▸ **THE PROBLEM**
The line holding "world=origin(), true_north=direction((0.0, 1.0)))" is the last one to output; start at the first line of the data, keep every line in between exactly, and leave out pictures.

*** EXERCISE MATERIAL

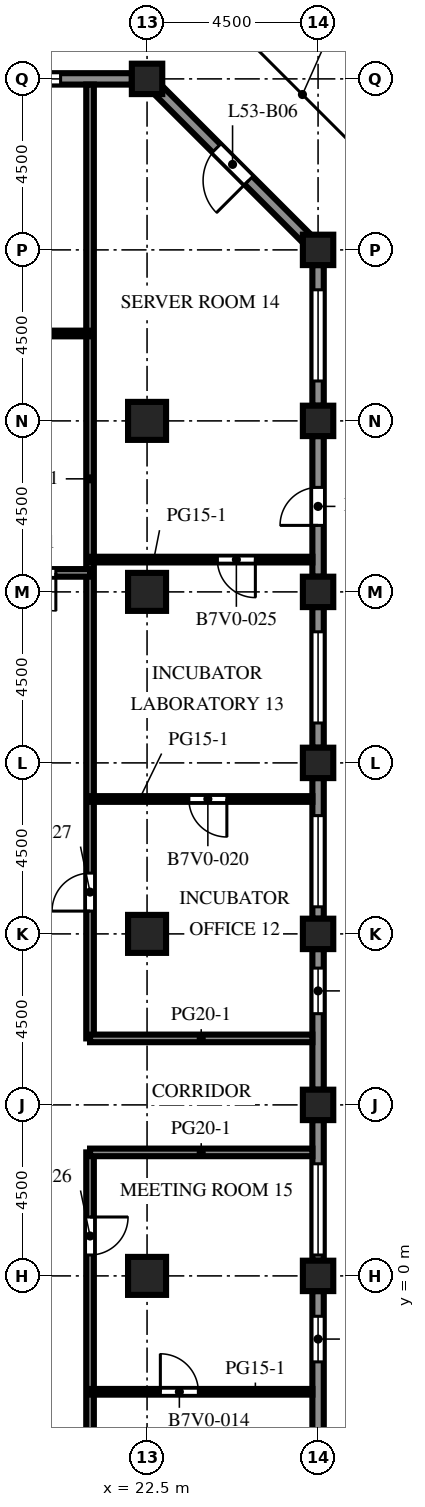
"""IFC4 building model, lengths in metres.
Left out: names, types, materials, properties, quantities, classifications, styles, units other than length and angle.
Written with IfcOpenShell. Run it as: python <this file> out.ifc"""

import sys

from ifc_helpers import new_model, si_unit, direction, frame, frame_2d, origin, origin_2d, place, context, subcontext, project, spatial, rectangle, extrude, element, fill, save


model = new_model("IFC4")
c1 = context("Model", 3, precision=1e-05, world=origin(), true_north=direction((0.0, 1.0)))
c2 = subcontext(c1, "Body", "Model", "MODEL_VIEW")
j1 = project(units=[si_unit("LENGTHUNIT", "METRE"), si_unit("PLANEANGLEUNIT", "RADIAN")], contexts=[c1])
p1 = place(None, origin())
s1 = spatial("IfcSite", under=j1, at=p1, CompositionType="ELEMENT")
p2 = place(p1, origin())
s2 = spatial("IfcBuilding", under=s1, at=p2, CompositionType="ELEMENT")
p3 = place(p2, frame((0.0, 0.0, 235.7)))
s3 = spatial("IfcBuildingStorey", under=s2, at=p3, CompositionType="ELEMENT", Elevation=235.7)
for number, where, z_axis, x_axis in (
    (1, (22.5, 31.5, 0.0), (0.0, 0.0, 1.0), (1.0, 0.0, 0.0)),
    (2, (27.0, 0.0, 0.0), (0.0, 0.0, 1.0), (1.0, 0.0, 0.0)),
    (3, (27.0, 4.5, 0.0), (0.0, 0.0, 1.0), (1.0, 0.0, 0.0)),
    (4, (27.0, 9.0, 0.0), (0.0, 0.0, 1.0), (1.0, 0.0, 0.0)),
    (5, (27.0, 13.5, 0.0), (0.0, 0.0, 1.0), (1.0, 0.0, 0.0)),
    (6, (27.0, 18.0, 0.0), (0.0, 0.0, 1.0), (1.0, 0.0, 0.0)),
    (7, (27.0, 22.5, 0.0), (0.0, 0.0, 1.0), (1.0, 0.0, 0.0)),
    (8, (27.0, 27.0, 0.0), (0.0, 0.0, 1.0), (1.0, 0.0, 0.0)),
):
    element("IfcColumn", number, at=place(p3, frame(where, z_axis=z_axis, x_axis=x_axis)), inside=s3, PredefinedType="COLUMN", context=c2, shape_type="SweptSolid", body=[
        extrude(rectangle(XDim=0.8, YDim=0.8, at=origin_2d()), origin(), (0.0, 0.0, 1.0), 4.1),
    ])
for number, where, z_axis, x_axis in (
    (9, (22.5, 0.0, 0.0), (0.0, 0.0, 1.0), (1.0, 0.0, 0.0)),
    (10, (22.5, 9.0, 0.0), (0.0, 0.0, 1.0), (1.0, 0.0, 0.0)),
    (11, (22.5, 18.0, 0.0), (0.0, 0.0, 1.0), (1.0, 0.0, 0.0)),
    (12, (22.5, 22.5, 0.0), (0.0, 0.0, 1.0), (1.0, 0.0, 0.0)),
):
    element("IfcColumn", number, at=place(p3, frame(where, z_axis=z_axis, x_axis=x_axis)), inside=s3, PredefinedType="COLUMN", context=c2, shape_type="SweptSolid", body=[
        extrude(rectangle(XDim=1.0, YDim=1.0, at=origin_2d()), origin(), (0.0, 0.0, 1.0), 4.1),
    ])
p4 = place(p3, frame((27.0, -0.4, 0.0), z_axis=(0.0, 0.0, 1.0), x_axis=(0.0, -1.0, 0.0)))
e13 = element("IfcWall", 13, at=p4, inside=s3, PredefinedType="SOLIDWALL", context=c2, shape_type="SweptSolid", body=[
    extrude(rectangle(XDim=3.7, YDim=0.3, at=frame_2d((1.85, 0.0))), origin(), (0.0, 0.0, 1.0), 2.85),
])
p5 = place(p4, frame((0.663, 0.0, 0.8)))
e14 = element("IfcOpeningElement", 14, at=p5, cuts=e13, PredefinedType="OPENING", context=c2, shape_type="SweptSolid", body=[
    extrude(rectangle(XDim=1.2, YDim=1.7, at=frame_2d((0.6, 0.85))), frame((0.0, 0.16, 0.0), z_axis=(0.0, -1.0, 0.0), x_axis=(1.0, 0.0, 0.0)), (0.0, 0.0, 1.0), 0.32),
])
p6 = place(p3, frame((27.0, 4.1, 0.0), z_axis=(0.0, 0.0, 1.0), x_axis=(0.0, -1.0, 0.0)))
e15 = element("IfcWall", 15, at=p6, inside=s3, PredefinedType="SOLIDWALL", context=c2, shape_type="SweptSolid", body=[
    extrude(rectangle(XDim=3.7, YDim=0.3, at=frame_2d((1.85, 0.0))), origin(), (0.0, 0.0, 1.0), 2.85),
])
p7 = place(p6, frame((1.15, 0.0, 0.8)))
e16 = element("IfcOpeningElement", 16, at=p7, cuts=e15, PredefinedType="OPENING", context=c2, shape_type="SweptSolid", body=[
    extrude(rectangle(XDim=2.4, YDim=1.7, at=frame_2d((1.2, 0.85))), frame((0.0, 0.16, 0.0), z_axis=(0.0, -1.0, 0.0), x_axis=(1.0, 0.0, 0.0)), (0.0, 0.0, 1.0), 0.32),
])
p8 = place(p3, frame((27.0, 8.6, 0.0), z_axis=(0.0, 0.0, 1.0), x_axis=(0.0, -1.0, 0.0)))
e17 = element("IfcWall", 17, at=p8, inside=s3, PredefinedType="SOLIDWALL", context=c2, shape_type="SweptSolid", body=[
    extrude(rectangle(XDim=3.7, YDim=0.3, at=frame_2d((1.85, 0.0))), origin(), (0.0, 0.0, 1.0), 2.85),
])
p9 = place(p8, frame((0.5, 0.0, 0.8)))
e18 = element("IfcOpeningElement", 18, at=p9, cuts=e17, PredefinedType="OPENING", context=c2, shape_type="SweptSolid", body=[
    extrude(rectangle(XDim=1.2, YDim=1.7, at=frame_2d((0.6, 0.85))), frame((0.0, 0.16, 0.0), z_axis=(0.0, -1.0, 0.0), x_axis=(1.0, 0.0, 0.0)), (0.0, 0.0, 1.0), 0.32),
])
p10 = place(p3, frame((27.0, 13.1, 0.0), z_axis=(0.0, 0.0, 1.0), x_axis=(0.0, -1.0, 0.0)))
e19 = element("IfcWall", 19, at=p10, inside=s3, PredefinedType="SOLIDWALL", context=c2, shape_type="SweptSolid", body=[
    extrude(rectangle(XDim=3.7, YDim=0.3, at=frame_2d((1.85, 0.0))), origin(), (0.0, 0.0, 1.0), 2.85),
])
p11 = place(p10, frame((0.988, 0.0, 0.8)))
e20 = element("IfcOpeningElement", 20, at=p11, cuts=e19, PredefinedType="OPENING", context=c2, shape_type="SweptSolid", body=[
    extrude(rectangle(XDim=2.4, YDim=1.7, at=frame_2d((1.2, 0.85))), frame((0.0, 0.16, 0.0), z_axis=(0.0, -1.0, 0.0), x_axis=(1.0, 0.0, 0.0)), (0.0, 0.0, 1.0), 0.32),
])
p12 = place(p3, frame((27.0, 17.6, 0.0), z_axis=(0.0, 0.0, 1.0), x_axis=(0.0, -1.0, 0.0)))
e21 = element("IfcWall", 21, at=p12, inside=s3, PredefinedType="SOLIDWALL", context=c2, shape_type="SweptSolid", body=[
    extrude(rectangle(XDim=3.7, YDim=0.3, at=frame_2d((1.85, 0.0))), origin(), (0.0, 0.0, 1.0), 2.85),
])
p13 = place(p12, frame((0.65, 0.0, 0.8)))
e22 = element("IfcOpeningElement", 22, at=p13, cuts=e21, PredefinedType="OPENING", context=c2, shape_type="SweptSolid", body=[
    extrude(rectangle(XDim=2.4, YDim=1.7, at=frame_2d((1.2, 0.85))), frame((0.0, 0.16, 0.0), z_axis=(0.0, -1.0, 0.0), x_axis=(1.0, 0.0, 0.0)), (0.0, 0.0, 1.0), 0.32),
])
p14 = place(p3, frame((27.0, 22.1, 0.0), z_axis=(0.0, 0.0, 1.0), x_axis=(0.0, -1.0, 0.0)))
e23 = element("IfcWall", 23, at=p14, inside=s3, PredefinedType="SOLIDWALL", context=c2, shape_type="SweptSolid", body=[
    extrude(rectangle(XDim=3.7, YDim=0.3, at=frame_2d((1.85, 0.0))), origin(), (0.0, 0.0, 1.0), 2.85),
])
p15 = place(p14, frame((1.35, 0.0, 0.0)))
e24 = element("IfcOpeningElement", 24, at=p15, cuts=e23, PredefinedType="OPENING", context=c2, shape_type="SweptSolid", body=[
    extrude(rectangle(XDim=1.0, YDim=2.2, at=frame_2d((0.5, 1.1))), frame((0.0, 0.16, 0.0), z_axis=(0.0, -1.0, 0.0), x_axis=(1.0, 0.0, 0.0)), (0.0, 0.0, 1.0), 0.32),
])
p16 = place(p3, frame((27.0, 26.6, 0.0), z_axis=(0.0, 0.0, 1.0), x_axis=(0.0, -1.0, 0.0)))
e25 = element("IfcWall", 25, at=p16, inside=s3, PredefinedType="SOLIDWALL", context=c2, shape_type="SweptSolid", body=[
    extrude(rectangle(XDim=3.7, YDim=0.3, at=frame_2d((1.85, 0.0))), origin(), (0.0, 0.0, 1.0), 2.85),
])
p17 = place(p16, frame((0.65, 0.0, 0.8)))
e26 = element("IfcOpeningElement", 26, at=p17, cuts=e25, PredefinedType="OPENING", context=c2, shape_type="SweptSolid", body=[
    extrude(rectangle(XDim=2.4, YDim=1.7, at=frame_2d((1.2, 0.85))), frame((0.0, 0.16, 0.0), z_axis=(0.0, -1.0, 0.0), x_axis=(1.0, 0.0, 0.0)), (0.0, 0.0, 1.0), 0.32),
])
p18 = place(p3, frame((22.794, 31.206, 0.0), z_axis=(0.0, 0.0, 1.0), x_axis=(0.707106781187, -0.707106781187, 0.0)))
e27 = element("IfcWall", 27, at=p18, inside=s3, PredefinedType="SOLIDWALL", context=c2, shape_type="SweptSolid", body=[
    extrude(rectangle(XDim=5.532, YDim=0.3, at=frame_2d((2.766, 0.0))), origin(), (0.0, 0.0, 1.0), 2.85),
])
p19 = place(p18, frame((2.166, 0.0, 0.0)))
e28 = element("IfcOpeningElement", 28, at=p19, cuts=e27, PredefinedType="OPENING", context=c2, shape_type="SweptSolid", body=[
    extrude(rectangle(XDim=1.2, YDim=2.2, at=frame_2d((0.6, 1.1))), frame((0.0, 0.16, 0.0), z_axis=(0.0, -1.0, 0.0), x_axis=(1.0, 0.0, 0.0)), (0.0, 0.0, 1.0), 0.32),
])
p20 = place(p3, frame((18.4, 31.5, 0.0), z_axis=(0.0, 0.0, 1.0), x_axis=(1.0, 0.0, 0.0)))
e29 = element("IfcWall", 29, at=p20, inside=s3, PredefinedType="SOLIDWALL", context=c2, shape_type="SweptSolid", body=[
    extrude(rectangle(XDim=3.7, YDim=0.3, at=frame_2d((1.85, 0.0))), origin(), (0.0, 0.0, 1.0), 2.85),
])
p21 = place(p20, frame((0.625, 0.0, 0.8)))
e30 = element("IfcOpeningElement", 30, at=p21, cuts=e29, PredefinedType="OPENING", context=c2, shape_type="SweptSolid", body=[
    extrude(rectangle(XDim=1.2, YDim=1.7, at=frame_2d((0.6, 0.85))), frame((0.0, 0.16, 0.0), z_axis=(0.0, -1.0, 0.0), x_axis=(1.0, 0.0, 0.0)), (0.0, 0.0, 1.0), 0.32),
])
p22 = place(p3, frame((21.0, 3.25, 0.0), z_axis=(0.0, 0.0, 1.0), x_axis=(0.0, -1.0, 0.0)))
e31 = element("IfcWall", 31, at=p22, inside=s3, PredefinedType="PARTITIONING", context=c2, shape_type="SweptSolid", body=[
    extrude(rectangle(XDim=25.6, YDim=0.2, at=frame_2d((12.8, 0.0))), origin(), (0.0, 0.0, 1.0), 3.65),
])
p23 = place(p22, frame((1.7, 0.0, 0.0)))
e32 = element("IfcOpeningElement", 32, at=p23, cuts=e31, PredefinedType="OPENING", context=c2, shape_type="SweptSolid", body=[
    extrude(rectangle(XDim=1.0, YDim=2.1, at=frame_2d((0.5, 1.05))), frame((0.0, 0.11, 0.0), z_axis=(0.0, -1.0, 0.0), x_axis=(1.0, 0.0, 0.0)), (0.0, 0.0, 1.0), 0.22),
])
p24 = place(p3, frame((21.0, 31.35, 0.0), z_axis=(0.0, 0.0, 1.0), x_axis=(0.0, -1.0, 0.0)))
e33 = element("IfcWall", 33, at=p24, inside=s3, PredefinedType="PARTITIONING", context=c2, shape_type="SweptSolid", body=[
    extrude(rectangle(XDim=25.1, YDim=0.2, at=frame_2d((12.55, 0.0))), origin(), (0.0, 0.0, 1.0), 3.65),
])
p25 = place(p24, frame((20.75, 0.0, 0.0)))
e34 = element("IfcOpeningElement", 34, at=p25, cuts=e33, PredefinedType="OPENING", context=c2, shape_type="SweptSolid", body=[
    extrude(rectangle(XDim=1.0, YDim=2.1, at=frame_2d((0.5, 1.05))), frame((0.0, 0.11, 0.0), z_axis=(0.0, -1.0, 0.0), x_axis=(1.0, 0.0, 0.0)), (0.0, 0.0, 1.0), 0.22),
])
p26 = place(p3, frame((26.85, -3.05, 0.0), z_axis=(0.0, 0.0, 1.0), x_axis=(-1.0, 0.0, 0.0)))
e35 = element("IfcWall", 35, at=p26, inside=s3, PredefinedType="PARTITIONING", context=c2, shape_type="SweptSolid", body=[
    extrude(rectangle(XDim=5.85, YDim=0.15, at=frame_2d((2.925, 0.0))), origin(), (0.0, 0.0, 1.0), 3.65),
])
p27 = place(p26, frame((3.0, 0.0, 0.0)))
e36 = element("IfcOpeningElement", 36, at=p27, cuts=e35, PredefinedType="OPENING", context=c2, shape_type="SweptSolid", body=[
    extrude(rectangle(XDim=1.0, YDim=2.1, at=frame_2d((0.5, 1.05))), frame((0.0, 0.085, 0.0), z_axis=(0.0, -1.0, 0.0), x_axis=(1.0, 0.0, 0.0)), (0.0, 0.0, 1.0), 0.17),
])
for number, where, z_axis, x_axis in (
    (37, (21.0, 3.25, 0.0), (0.0, 0.0, 1.0), (1.0, 0.0, 0.0)),
    (38, (21.0, 6.25, 0.0), (0.0, 0.0, 1.0), (1.0, 0.0, 0.0)),
):
    element("IfcWall", number, at=place(p3, frame(where, z_axis=z_axis, x_axis=x_axis)), inside=s3, PredefinedType="PARTITIONING", context=c2, shape_type="SweptSolid", body=[
        extrude(rectangle(XDim=5.85, YDim=0.2, at=frame_2d((2.925, 0.0))), origin(), (0.0, 0.0, 1.0), 3.65),
    ])
p28 = place(p3, frame((21.0, 12.55, 0.0), z_axis=(0.0, 0.0, 1.0), x_axis=(1.0, 0.0, 0.0)))
e39 = element("IfcWall", 39, at=p28, inside=s3, PredefinedType="PARTITIONING", context=c2, shape_type="SweptSolid", body=[
    extrude(rectangle(XDim=5.85, YDim=0.15, at=frame_2d((2.925, 0.0))), origin(), (0.0, 0.0, 1.0), 3.65),
])
p29 = place(p28, frame((2.6, 0.0, 0.0)))
e40 = element("IfcOpeningElement", 40, at=p29, cuts=e39, PredefinedType="OPENING", context=c2, shape_type="SweptSolid", body=[
    extrude(rectangle(XDim=1.0, YDim=2.1, at=frame_2d((0.5, 1.05))), frame((0.0, 0.085, 0.0), z_axis=(0.0, -1.0, 0.0), x_axis=(1.0, 0.0, 0.0)), (0.0, 0.0, 1.0), 0.17),
])
p30 = place(p3, frame((18.0, 18.5, 0.0), z_axis=(0.0, 0.0, 1.0), x_axis=(1.0, 0.0, 0.0)))
e41 = element("IfcWall", 41, at=p30, inside=s3, PredefinedType="PARTITIONING", context=c2, shape_type="SweptSolid", body=[
    extrude(rectangle(XDim=3.0, YDim=0.2, at=frame_2d((1.5, 0.0))), origin(), (0.0, 0.0, 1.0), 3.65),
])
p31 = place(p30, frame((1.1, 0.0, 0.0)))
e42 = element("IfcOpeningElement", 42, at=p31, cuts=e41, PredefinedType="OPENING", context=c2, shape_type="SweptSolid", body=[
    extrude(rectangle(XDim=1.0, YDim=2.1, at=frame_2d((0.5, 1.05))), frame((0.0, 0.11, 0.0), z_axis=(0.0, -1.0, 0.0), x_axis=(1.0, 0.0, 0.0)), (0.0, 0.0, 1.0), 0.22),
])
p32 = place(p3, frame((21.0, 18.85, 0.0), z_axis=(0.0, 0.0, 1.0), x_axis=(1.0, 0.0, 0.0)))
e43 = element("IfcWall", 43, at=p32, inside=s3, PredefinedType="PARTITIONING", context=c2, shape_type="SweptSolid", body=[
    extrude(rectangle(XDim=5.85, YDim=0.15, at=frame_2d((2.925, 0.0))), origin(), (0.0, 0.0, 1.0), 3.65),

******

▸ **ANSWER TO THE PROBLEM**
"""IFC4 building model, lengths in metres.
Left out: names, types, materials, properties, quantities, classifications, styles, units other than length and angle.
Written with IfcOpenShell. Run it as: python <this file> out.ifc"""

import sys

from ifc_helpers import new_model, si_unit, direction, frame, frame_2d, origin, origin_2d, place, context, subcontext, project, spatial, rectangle, extrude, element, fill, save


model = new_model("IFC4")
c1 = context("Model", 3, precision=1e-05, world=origin(), true_north=direction((0.0, 1.0)))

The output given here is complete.